Records from a collection:
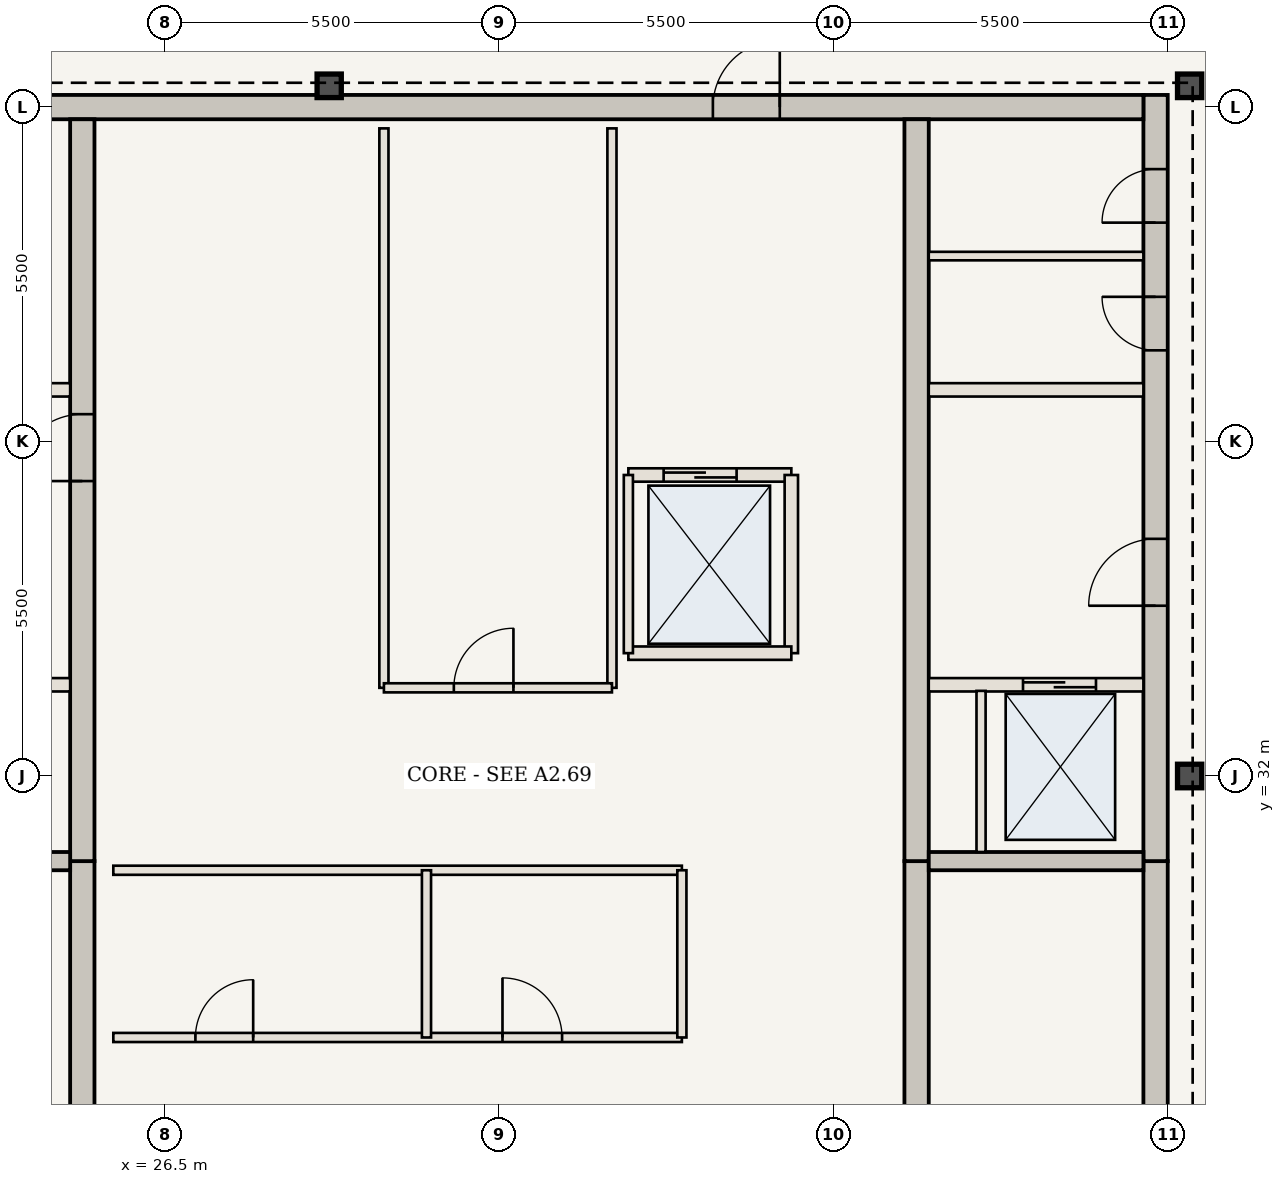
"""IFC4 building model, lengths in metres.
Left out: names, types, materials, properties, quantities, classifications, styles, units other than length and angle.
Written with IfcOpenShell. Run it as: python <this file> out.ifc"""

import sys

from ifc_helpers import new_model, si_unit, direction, frame, frame_2d, origin, origin_2d, place, context, subcontext, project, spatial, rectangle, i_section, extrude, element, fill, save


model = new_model("IFC4")
c1 = context("Model", 3, precision=1e-05, world=origin(), true_north=direction((0.0, 1.0)))
c2 = subcontext(c1, "Body", "Model", "MODEL_VIEW")
j1 = project(units=[si_unit("LENGTHUNIT", "METRE"), si_unit("PLANEANGLEUNIT", "RADIAN")], contexts=[c1])
p1 = place(None, origin())
s1 = spatial("IfcSite", under=j1, at=p1, CompositionType="ELEMENT")
p2 = place(p1, origin())
s2 = spatial("IfcBuilding", under=s1, at=p2, CompositionType="ELEMENT")
p3 = place(p2, frame((0.0, 0.0, 331.45)))
s3 = spatial("IfcBuildingStorey", under=s2, at=p3, CompositionType="ELEMENT", Elevation=331.45)
p4 = place(p3, frame((42.79, 20.75, 0.0), z_axis=(0.0, 0.0, 1.0), x_axis=(0.0, 1.0, 0.0)))
e1 = element("IfcWall", 1, at=p4, inside=s3, PredefinedType="SHEAR", context=c2, shape_type="SweptSolid", body=[
    extrude(rectangle(XDim=9.85, YDim=0.4, at=frame_2d((4.925, 0.0))), origin(), (0.0, 0.0, 1.0), 5.6),
])
p5 = place(p4, frame((1.0, 0.0, 0.0)))
e2 = element("IfcOpeningElement", 2, at=p5, cuts=e1, PredefinedType="OPENING", context=c2, shape_type="SweptSolid", body=[
    extrude(rectangle(XDim=1.15, YDim=2.15, at=frame_2d((0.575, 1.075))), frame((0.0, 0.21, 0.0), z_axis=(0.0, -1.0, 0.0), x_axis=(1.0, 0.0, 0.0)), (0.0, 0.0, 1.0), 0.42),
])
p6 = place(p3, frame((42.79, 30.6, 0.0), z_axis=(0.0, 0.0, 1.0), x_axis=(0.0, 1.0, 0.0)))
e3 = element("IfcWall", 3, at=p6, inside=s3, PredefinedType="SHEAR", context=c2, shape_type="SweptSolid", body=[
    extrude(rectangle(XDim=12.6, YDim=0.4, at=frame_2d((6.3, 0.0))), origin(), (0.0, 0.0, 1.0), 5.6),
])
p7 = place(p6, frame((4.2, 0.0, 0.0)))
e4 = element("IfcOpeningElement", 4, at=p7, cuts=e3, PredefinedType="OPENING", context=c2, shape_type="SweptSolid", body=[
    extrude(rectangle(XDim=1.1, YDim=2.15, at=frame_2d((0.55, 1.075))), frame((0.0, 0.21, 0.0), z_axis=(0.0, -1.0, 0.0), x_axis=(1.0, 0.0, 0.0)), (0.0, 0.0, 1.0), 0.42),
])
p8 = place(p6, frame((8.4, 0.0, 0.0)))
e5 = element("IfcOpeningElement", 5, at=p8, cuts=e3, PredefinedType="OPENING", context=c2, shape_type="SweptSolid", body=[
    extrude(rectangle(XDim=0.88, YDim=2.1, at=frame_2d((0.44, 1.05))), frame((0.0, 0.21, 0.0), z_axis=(0.0, -1.0, 0.0), x_axis=(1.0, 0.0, 0.0)), (0.0, 0.0, 1.0), 0.42),
])
p9 = place(p6, frame((10.5, 0.0, 0.0)))
e6 = element("IfcOpeningElement", 6, at=p9, cuts=e3, PredefinedType="OPENING", context=c2, shape_type="SweptSolid", body=[
    extrude(rectangle(XDim=0.88, YDim=2.1, at=frame_2d((0.44, 1.05))), frame((0.0, 0.21, 0.0), z_axis=(0.0, -1.0, 0.0), x_axis=(1.0, 0.0, 0.0)), (0.0, 0.0, 1.0), 0.42),
])
p10 = place(p3, frame((21.41, 43.0, 0.0), z_axis=(0.0, 0.0, 1.0), x_axis=(1.0, 0.0, 0.0)))
e7 = element("IfcWall", 7, at=p10, inside=s3, PredefinedType="SHEAR", context=c2, shape_type="SweptSolid", body=[
    extrude(rectangle(XDim=21.18, YDim=0.4, at=frame_2d((10.59, 0.0))), origin(), (0.0, 0.0, 1.0), 5.6),
])
p11 = place(p10, frame((14.1, 0.0, 0.0)))
e8 = element("IfcOpeningElement", 8, at=p11, cuts=e7, PredefinedType="OPENING", context=c2, shape_type="SweptSolid", body=[
    extrude(rectangle(XDim=1.1, YDim=2.15, at=frame_2d((0.55, 1.075))), frame((0.0, 0.21, 0.0), z_axis=(0.0, -1.0, 0.0), x_axis=(1.0, 0.0, 0.0)), (0.0, 0.0, 1.0), 0.42),
])
p12 = place(p3, frame((25.14, 21.15, 0.0), z_axis=(0.0, 0.0, 1.0), x_axis=(0.0, 1.0, 0.0)))
e9 = element("IfcWall", 9, at=p12, inside=s3, PredefinedType="SHEAR", context=c2, shape_type="SweptSolid", body=[
    extrude(rectangle(XDim=9.45, YDim=0.4, at=frame_2d((4.725, 0.0))), origin(), (0.0, 0.0, 1.0), 5.6),
])
p13 = place(p3, frame((25.14, 30.6, 0.0), z_axis=(0.0, 0.0, 1.0), x_axis=(0.0, 1.0, 0.0)))
e10 = element("IfcWall", 10, at=p13, inside=s3, PredefinedType="SHEAR", context=c2, shape_type="SweptSolid", body=[
    extrude(rectangle(XDim=12.2, YDim=0.4, at=frame_2d((6.1, 0.0))), origin(), (0.0, 0.0, 1.0), 5.6),
])
p14 = place(p13, frame((6.25, 0.0, 0.0)))
e11 = element("IfcOpeningElement", 11, at=p14, cuts=e10, PredefinedType="OPENING", context=c2, shape_type="SweptSolid", body=[
    extrude(rectangle(XDim=1.1, YDim=2.15, at=frame_2d((0.55, 1.075))), frame((0.0, 0.21, 0.0), z_axis=(0.0, -1.0, 0.0), x_axis=(1.0, 0.0, 0.0)), (0.0, 0.0, 1.0), 0.42),
])
p15 = place(p3, frame((38.86, 21.15, 0.0), z_axis=(0.0, 0.0, 1.0), x_axis=(0.0, 1.0, 0.0)))
e12 = element("IfcWall", 12, at=p15, inside=s3, PredefinedType="SHEAR", context=c2, shape_type="SweptSolid", body=[
    extrude(rectangle(XDim=9.45, YDim=0.4, at=frame_2d((4.725, 0.0))), origin(), (0.0, 0.0, 1.0), 5.6),
])
p16 = place(p3, frame((38.86, 30.6, 0.0), z_axis=(0.0, 0.0, 1.0), x_axis=(0.0, 1.0, 0.0)))
e13 = element("IfcWall", 13, at=p16, inside=s3, PredefinedType="SHEAR", context=c2, shape_type="SweptSolid", body=[
    extrude(rectangle(XDim=12.2, YDim=0.4, at=frame_2d((6.1, 0.0))), origin(), (0.0, 0.0, 1.0), 5.6),
])
p17 = place(p3, frame((43.35, 32.0, 0.0), z_axis=(0.0, 0.0, 1.0), x_axis=(1.0, 0.0, 0.0)))
e14 = element("IfcColumn", 14, at=p17, inside=s3, PredefinedType="COLUMN", context=c2, shape_type="SweptSolid", body=[
    extrude(i_section(OverallWidth=0.398, OverallDepth=0.387, WebThickness=0.021, FlangeThickness=0.033, at=origin_2d()), origin(), (0.0, 0.0, 1.0), 13.29),
])
for number, where, z_axis, x_axis in (
    (15, (43.35, 43.35, 0.0), (0.0, 0.0, 1.0), (1.0, 0.0, 0.0)),
    (16, (29.2, 43.35, 0.0), (0.0, 0.0, 1.0), (1.0, 0.0, 0.0)),
):
    element("IfcColumn", number, at=place(p3, frame(where, z_axis=z_axis, x_axis=x_axis)), inside=s3, PredefinedType="COLUMN", context=c2, shape_type="SweptSolid", body=[
        extrude(i_section(OverallWidth=0.398, OverallDepth=0.387, WebThickness=0.021, FlangeThickness=0.033, at=origin_2d()), origin(), (0.0, 0.0, 1.0), 18.839),
    ])
for number, where, z_axis, x_axis in (
    (17, (21.41, 30.6, 0.0), (0.0, 0.0, 1.0), (1.0, 0.0, 0.0)),
    (18, (39.06, 30.6, 0.0), (0.0, 0.0, 1.0), (1.0, 0.0, 0.0)),
):
    element("IfcWall", number, at=place(p3, frame(where, z_axis=z_axis, x_axis=x_axis)), inside=s3, PredefinedType="SHEAR", context=c2, shape_type="SweptSolid", body=[
        extrude(rectangle(XDim=3.53, YDim=0.3, at=frame_2d((1.765, 0.0))), origin(), (0.0, 0.0, 1.0), 5.35),
    ])
p18 = place(p3, frame((21.41, 33.5, 0.0), z_axis=(0.0, 0.0, 1.0), x_axis=(1.0, 0.0, 0.0)))
e19 = element("IfcWall", 19, at=p18, inside=s3, PredefinedType="STANDARD", context=c2, shape_type="SweptSolid", body=[
    extrude(rectangle(XDim=3.53, YDim=0.22, at=frame_2d((1.765, 0.0))), origin(), (0.0, 0.0, 1.0), 5.35),
])
p19 = place(p18, frame((0.75, 0.0, 0.0)))
e20 = element("IfcOpeningElement", 20, at=p19, cuts=e19, PredefinedType="OPENING", context=c2, shape_type="SweptSolid", body=[
    extrude(rectangle(XDim=1.2, YDim=2.2, at=frame_2d((0.6, 1.1))), frame((0.0, 0.12, 0.0), z_axis=(0.0, -1.0, 0.0), x_axis=(1.0, 0.0, 0.0)), (0.0, 0.0, 1.0), 0.24),
])
p20 = place(p3, frame((39.06, 33.5, 0.0), z_axis=(0.0, 0.0, 1.0), x_axis=(1.0, 0.0, 0.0)))
e21 = element("IfcWall", 21, at=p20, inside=s3, PredefinedType="STANDARD", context=c2, shape_type="SweptSolid", body=[
    extrude(rectangle(XDim=3.53, YDim=0.22, at=frame_2d((1.765, 0.0))), origin(), (0.0, 0.0, 1.0), 5.35),
])
p21 = place(p20, frame((1.55, 0.0, 0.0)))
e22 = element("IfcOpeningElement", 22, at=p21, cuts=e21, PredefinedType="OPENING", context=c2, shape_type="SweptSolid", body=[
    extrude(rectangle(XDim=1.2, YDim=2.2, at=frame_2d((0.6, 1.1))), frame((0.0, 0.12, 0.0), z_axis=(0.0, -1.0, 0.0), x_axis=(1.0, 0.0, 0.0)), (0.0, 0.0, 1.0), 0.24),
])
p22 = place(p3, frame((39.92, 30.75, 0.0), z_axis=(0.0, 0.0, 1.0), x_axis=(0.0, 1.0, 0.0)))
e23 = element("IfcWall", 23, at=p22, inside=s3, PredefinedType="STANDARD", context=c2, shape_type="SweptSolid", body=[
    extrude(rectangle(XDim=2.65, YDim=0.15, at=frame_2d((1.325, 0.0))), origin(), (0.0, 0.0, 1.0), 5.35),
])
for number, where, z_axis, x_axis in (
    (24, (21.41, 38.35, 0.0), (0.0, 0.0, 1.0), (1.0, 0.0, 0.0)),
    (25, (39.06, 38.35, 0.0), (0.0, 0.0, 1.0), (1.0, 0.0, 0.0)),
):
    element("IfcWall", number, at=place(p3, frame(where, z_axis=z_axis, x_axis=x_axis)), inside=s3, PredefinedType="STANDARD", context=c2, shape_type="SweptSolid", body=[
        extrude(rectangle(XDim=3.53, YDim=0.22, at=frame_2d((1.765, 0.0))), origin(), (0.0, 0.0, 1.0), 5.35),
    ])
p23 = place(p3, frame((39.06, 40.55, 0.0), z_axis=(0.0, 0.0, 1.0), x_axis=(1.0, 0.0, 0.0)))
e26 = element("IfcWall", 26, at=p23, inside=s3, PredefinedType="STANDARD", context=c2, shape_type="SweptSolid", body=[
    extrude(rectangle(XDim=3.53, YDim=0.14, at=frame_2d((1.765, 0.0))), origin(), (0.0, 0.0, 1.0), 5.35),
])
p24 = place(p3, frame((25.65, 27.7, 0.0), z_axis=(0.0, 0.0, 1.0), x_axis=(1.0, 0.0, 0.0)))
e27 = element("IfcWall", 27, at=p24, inside=s3, PredefinedType="STANDARD", context=c2, shape_type="SweptSolid", body=[
    extrude(rectangle(XDim=9.35, YDim=0.15, at=frame_2d((4.675, 0.0))), origin(), (0.0, 0.0, 1.0), 5.35),
])
p25 = place(p24, frame((1.35, 0.0, 0.0)))
e28 = element("IfcOpeningElement", 28, at=p25, cuts=e27, PredefinedType="OPENING", context=c2, shape_type="SweptSolid", body=[
    extrude(rectangle(XDim=0.95, YDim=2.15, at=frame_2d((0.475, 1.075))), frame((0.0, 0.085, 0.0), z_axis=(0.0, -1.0, 0.0), x_axis=(1.0, 0.0, 0.0)), (0.0, 0.0, 1.0), 0.17),
])
p26 = place(p24, frame((6.4, 0.0, 0.0)))
e29 = element("IfcOpeningElement", 29, at=p26, cuts=e27, PredefinedType="OPENING", context=c2, shape_type="SweptSolid", body=[
    extrude(rectangle(XDim=0.98, YDim=2.2, at=frame_2d((0.49, 1.1))), frame((0.0, 0.085, 0.0), z_axis=(0.0, -1.0, 0.0), x_axis=(1.0, 0.0, 0.0)), (0.0, 0.0, 1.0), 0.17),
])
p27 = place(p3, frame((25.65, 30.45, 0.0), z_axis=(0.0, 0.0, 1.0), x_axis=(1.0, 0.0, 0.0)))
e30 = element("IfcWall", 30, at=p27, inside=s3, PredefinedType="STANDARD", context=c2, shape_type="SweptSolid", body=[
    extrude(rectangle(XDim=9.35, YDim=0.15, at=frame_2d((4.675, 0.0))), origin(), (0.0, 0.0, 1.0), 5.35),
])
for number, where, z_axis, x_axis in (
    (31, (30.8, 27.7, 0.0), (0.0, 0.0, 1.0), (0.0, 1.0, 0.0)),
    (32, (35.0, 27.7, 0.0), (0.0, 0.0, 1.0), (0.0, 1.0, 0.0)),
):
    element("IfcWall", number, at=place(p3, frame(where, z_axis=z_axis, x_axis=x_axis)), inside=s3, PredefinedType="STANDARD", context=c2, shape_type="SweptSolid", body=[
        extrude(rectangle(XDim=2.75, YDim=0.15, at=frame_2d((1.375, 0.0))), origin(), (0.0, 0.0, 1.0), 5.35),
    ])
for number, where, z_axis, x_axis in (
    (33, (30.1, 33.45, 0.0), (0.0, 0.0, 1.0), (0.0, 1.0, 0.0)),
    (34, (33.85, 33.45, 0.0), (0.0, 0.0, 1.0), (0.0, 1.0, 0.0)),
):
    element("IfcWall", number, at=place(p3, frame(where, z_axis=z_axis, x_axis=x_axis)), inside=s3, PredefinedType="STANDARD", context=c2, shape_type="SweptSolid", body=[
        extrude(rectangle(XDim=9.2, YDim=0.15, at=frame_2d((4.6, 0.0))), origin(), (0.0, 0.0, 1.0), 5.35),
    ])
p28 = place(p3, frame((30.1, 33.45, 0.0), z_axis=(0.0, 0.0, 1.0), x_axis=(1.0, 0.0, 0.0)))
e35 = element("IfcWall", 35, at=p28, inside=s3, PredefinedType="STANDARD", context=c2, shape_type="SweptSolid", body=[
    extrude(rectangle(XDim=3.75, YDim=0.15, at=frame_2d((1.875, 0.0))), origin(), (0.0, 0.0, 1.0), 5.35),
])
p29 = place(p28, frame((1.15, 0.0, 0.0)))
e36 = element("IfcOpeningElement", 36, at=p29, cuts=e35, PredefinedType="OPENING", context=c2, shape_type="SweptSolid", body=[
    extrude(rectangle(XDim=0.98, YDim=2.2, at=frame_2d((0.49, 1.1))), frame((0.0, 0.085, 0.0), z_axis=(0.0, -1.0, 0.0), x_axis=(1.0, 0.0, 0.0)), (0.0, 0.0, 1.0), 0.17),
])
p30 = place(p3, frame((34.12, 36.95, 0.0), z_axis=(0.0, 0.0, 1.0), x_axis=(1.0, 0.0, 0.0)))
e37 = element("IfcWall", 37, at=p30, inside=s3, PredefinedType="STANDARD", context=c2, shape_type="SweptSolid", body=[
    extrude(rectangle(XDim=2.68, YDim=0.22, at=frame_2d((1.34, 0.0))), origin(), (0.0, 0.0, 1.0), 5.35),
])
p31 = place(p30, frame((0.58, 0.0, 0.0)))
e38 = element("IfcOpeningElement", 38, at=p31, cuts=e37, PredefinedType="OPENING", context=c2, shape_type="SweptSolid", body=[
    extrude(rectangle(XDim=1.2, YDim=2.2, at=frame_2d((0.6, 1.1))), frame((0.0, 0.12, 0.0), z_axis=(0.0, -1.0, 0.0), x_axis=(1.0, 0.0, 0.0)), (0.0, 0.0, 1.0), 0.24),
])
p32 = place(p3, frame((36.8, 34.02, 0.0), z_axis=(0.0, 0.0, 1.0), x_axis=(0.0, 1.0, 0.0)))
e39 = element("IfcWall", 39, at=p32, inside=s3, PredefinedType="STANDARD", context=c2, shape_type="SweptSolid", body=[
    extrude(rectangle(XDim=2.93, YDim=0.22, at=frame_2d((1.465, 0.0))), origin(), (0.0, 0.0, 1.0), 5.35),
])
p33 = place(p3, frame((34.12, 34.02, 0.0), z_axis=(0.0, 0.0, 1.0), x_axis=(1.0, 0.0, 0.0)))
e40 = element("IfcWall", 40, at=p33, inside=s3, PredefinedType="STANDARD", context=c2, shape_type="SweptSolid", body=[
    extrude(rectangle(XDim=2.68, YDim=0.22, at=frame_2d((1.34, 0.0))), origin(), (0.0, 0.0, 1.0), 5.35),
])
p34 = place(p3, frame((34.12, 34.02, 0.0), z_axis=(0.0, 0.0, 1.0), x_axis=(0.0, 1.0, 0.0)))
e41 = element("IfcWall", 41, at=p34, inside=s3, PredefinedType="STANDARD", context=c2, shape_type="SweptSolid", body=[
    extrude(rectangle(XDim=2.93, YDim=0.15, at=frame_2d((1.465, 0.0))), origin(), (0.0, 0.0, 1.0), 5.35),
])
p35 = place(p7, origin())
e42 = element("IfcDoor", 42, at=p35, inside=s3, OperationType="SINGLE_SWING_LEFT", PredefinedType="DOOR", context=c2, shape_type="SweptSolid", body=[
    extrude(rectangle(XDim=1.1, YDim=2.15, at=frame_2d((0.55, 1.075))), frame((0.0, 0.025, 0.0), z_axis=(0.0, -1.0, 0.0), x_axis=(1.0, 0.0, 0.0)), (0.0, 0.0, 1.0), 0.05),
])
fill(e4, e42)
p36 = place(p14, origin())
e43 = element("IfcDoor", 43, at=p36, inside=s3, OperationType="SINGLE_SWING_LEFT", PredefinedType="DOOR", context=c2, shape_type="SweptSolid", body=[
    extrude(rectangle(XDim=1.1, YDim=2.15, at=frame_2d((0.55, 1.075))), frame((0.0, 0.025, 0.0), z_axis=(0.0, -1.0, 0.0), x_axis=(1.0, 0.0, 0.0)), (0.0, 0.0, 1.0), 0.05),
])
fill(e11, e43)
p37 = place(p8, origin())
e44 = element("IfcDoor", 44, at=p37, inside=s3, OperationType="SINGLE_SWING_RIGHT", PredefinedType="DOOR", context=c2, shape_type="SweptSolid", body=[
    extrude(rectangle(XDim=0.88, YDim=2.1, at=frame_2d((0.44, 1.05))), frame((0.0, 0.025, 0.0), z_axis=(0.0, -1.0, 0.0), x_axis=(1.0, 0.0, 0.0)), (0.0, 0.0, 1.0), 0.05),
])
fill(e5, e44)
p38 = place(p9, origin())
e45 = element("IfcDoor", 45, at=p38, inside=s3, OperationType="SINGLE_SWING_LEFT", PredefinedType="DOOR", context=c2, shape_type="SweptSolid", body=[
    extrude(rectangle(XDim=0.88, YDim=2.1, at=frame_2d((0.44, 1.05))), frame((0.0, 0.025, 0.0), z_axis=(0.0, -1.0, 0.0), x_axis=(1.0, 0.0, 0.0)), (0.0, 0.0, 1.0), 0.05),
])
fill(e6, e45)
p39 = place(p11, origin())
e46 = element("IfcDoor", 46, at=p39, inside=s3, OperationType="SINGLE_SWING_RIGHT", PredefinedType="DOOR", context=c2, shape_type="SweptSolid", body=[
    extrude(rectangle(XDim=1.1, YDim=2.15, at=frame_2d((0.55, 1.075))), frame((0.0, 0.025, 0.0), z_axis=(0.0, -1.0, 0.0), x_axis=(1.0, 0.0, 0.0)), (0.0, 0.0, 1.0), 0.05),
])
fill(e8, e46)
p40 = place(p21, origin())
e47 = element("IfcDoor", 47, at=p40, inside=s3, OperationType="DOUBLE_DOOR_SLIDING", PredefinedType="DOOR", context=c2, shape_type="SweptSolid", body=[
    extrude(rectangle(XDim=1.2, YDim=2.2, at=frame_2d((0.6, 1.1))), frame((0.0, 0.025, 0.0), z_axis=(0.0, -1.0, 0.0), x_axis=(1.0, 0.0, 0.0)), (0.0, 0.0, 1.0), 0.05),
])
fill(e22, e47)
p41 = place(p25, origin())
e48 = element("IfcDoor", 48, at=p41, inside=s3, OperationType="SINGLE_SWING_RIGHT", PredefinedType="DOOR", context=c2, shape_type="SweptSolid", body=[
    extrude(rectangle(XDim=0.95, YDim=2.15, at=frame_2d((0.475, 1.075))), frame((0.0, 0.025, 0.0), z_axis=(0.0, -1.0, 0.0), x_axis=(1.0, 0.0, 0.0)), (0.0, 0.0, 1.0), 0.05),
])
fill(e28, e48)
p42 = place(p26, origin())
e49 = element("IfcDoor", 49, at=p42, inside=s3, OperationType="SINGLE_SWING_LEFT", PredefinedType="DOOR", context=c2, shape_type="SweptSolid", body=[
    extrude(rectangle(XDim=0.98, YDim=2.2, at=frame_2d((0.49, 1.1))), frame((0.0, 0.025, 0.0), z_axis=(0.0, -1.0, 0.0), x_axis=(1.0, 0.0, 0.0)), (0.0, 0.0, 1.0), 0.05),
])
fill(e29, e49)
p43 = place(p29, origin())
e50 = element("IfcDoor", 50, at=p43, inside=s3, OperationType="SINGLE_SWING_RIGHT", PredefinedType="DOOR", context=c2, shape_type="SweptSolid", body=[
    extrude(rectangle(XDim=0.98, YDim=2.2, at=frame_2d((0.49, 1.1))), frame((0.0, 0.025, 0.0), z_axis=(0.0, -1.0, 0.0), x_axis=(1.0, 0.0, 0.0)), (0.0, 0.0, 1.0), 0.05),
])
fill(e36, e50)
p44 = place(p31, origin())
e51 = element("IfcDoor", 51, at=p44, inside=s3, OperationType="DOUBLE_DOOR_SLIDING", PredefinedType="DOOR", context=c2, shape_type="SweptSolid", body=[
    extrude(rectangle(XDim=1.2, YDim=2.2, at=frame_2d((0.6, 1.1))), frame((0.0, 0.025, 0.0), z_axis=(0.0, -1.0, 0.0), x_axis=(1.0, 0.0, 0.0)), (0.0, 0.0, 1.0), 0.05),
])
fill(e38, e51)
save(model, sys.argv[1])

## Work required:
Copy out each line of the data that has the word "import" in it.

## Written answer:
import sys
from ifc_helpers import new_model, si_unit, direction, frame, frame_2d, origin, origin_2d, place, context, subcontext, project, spatial, rectangle, i_section, extrude, element, fill, save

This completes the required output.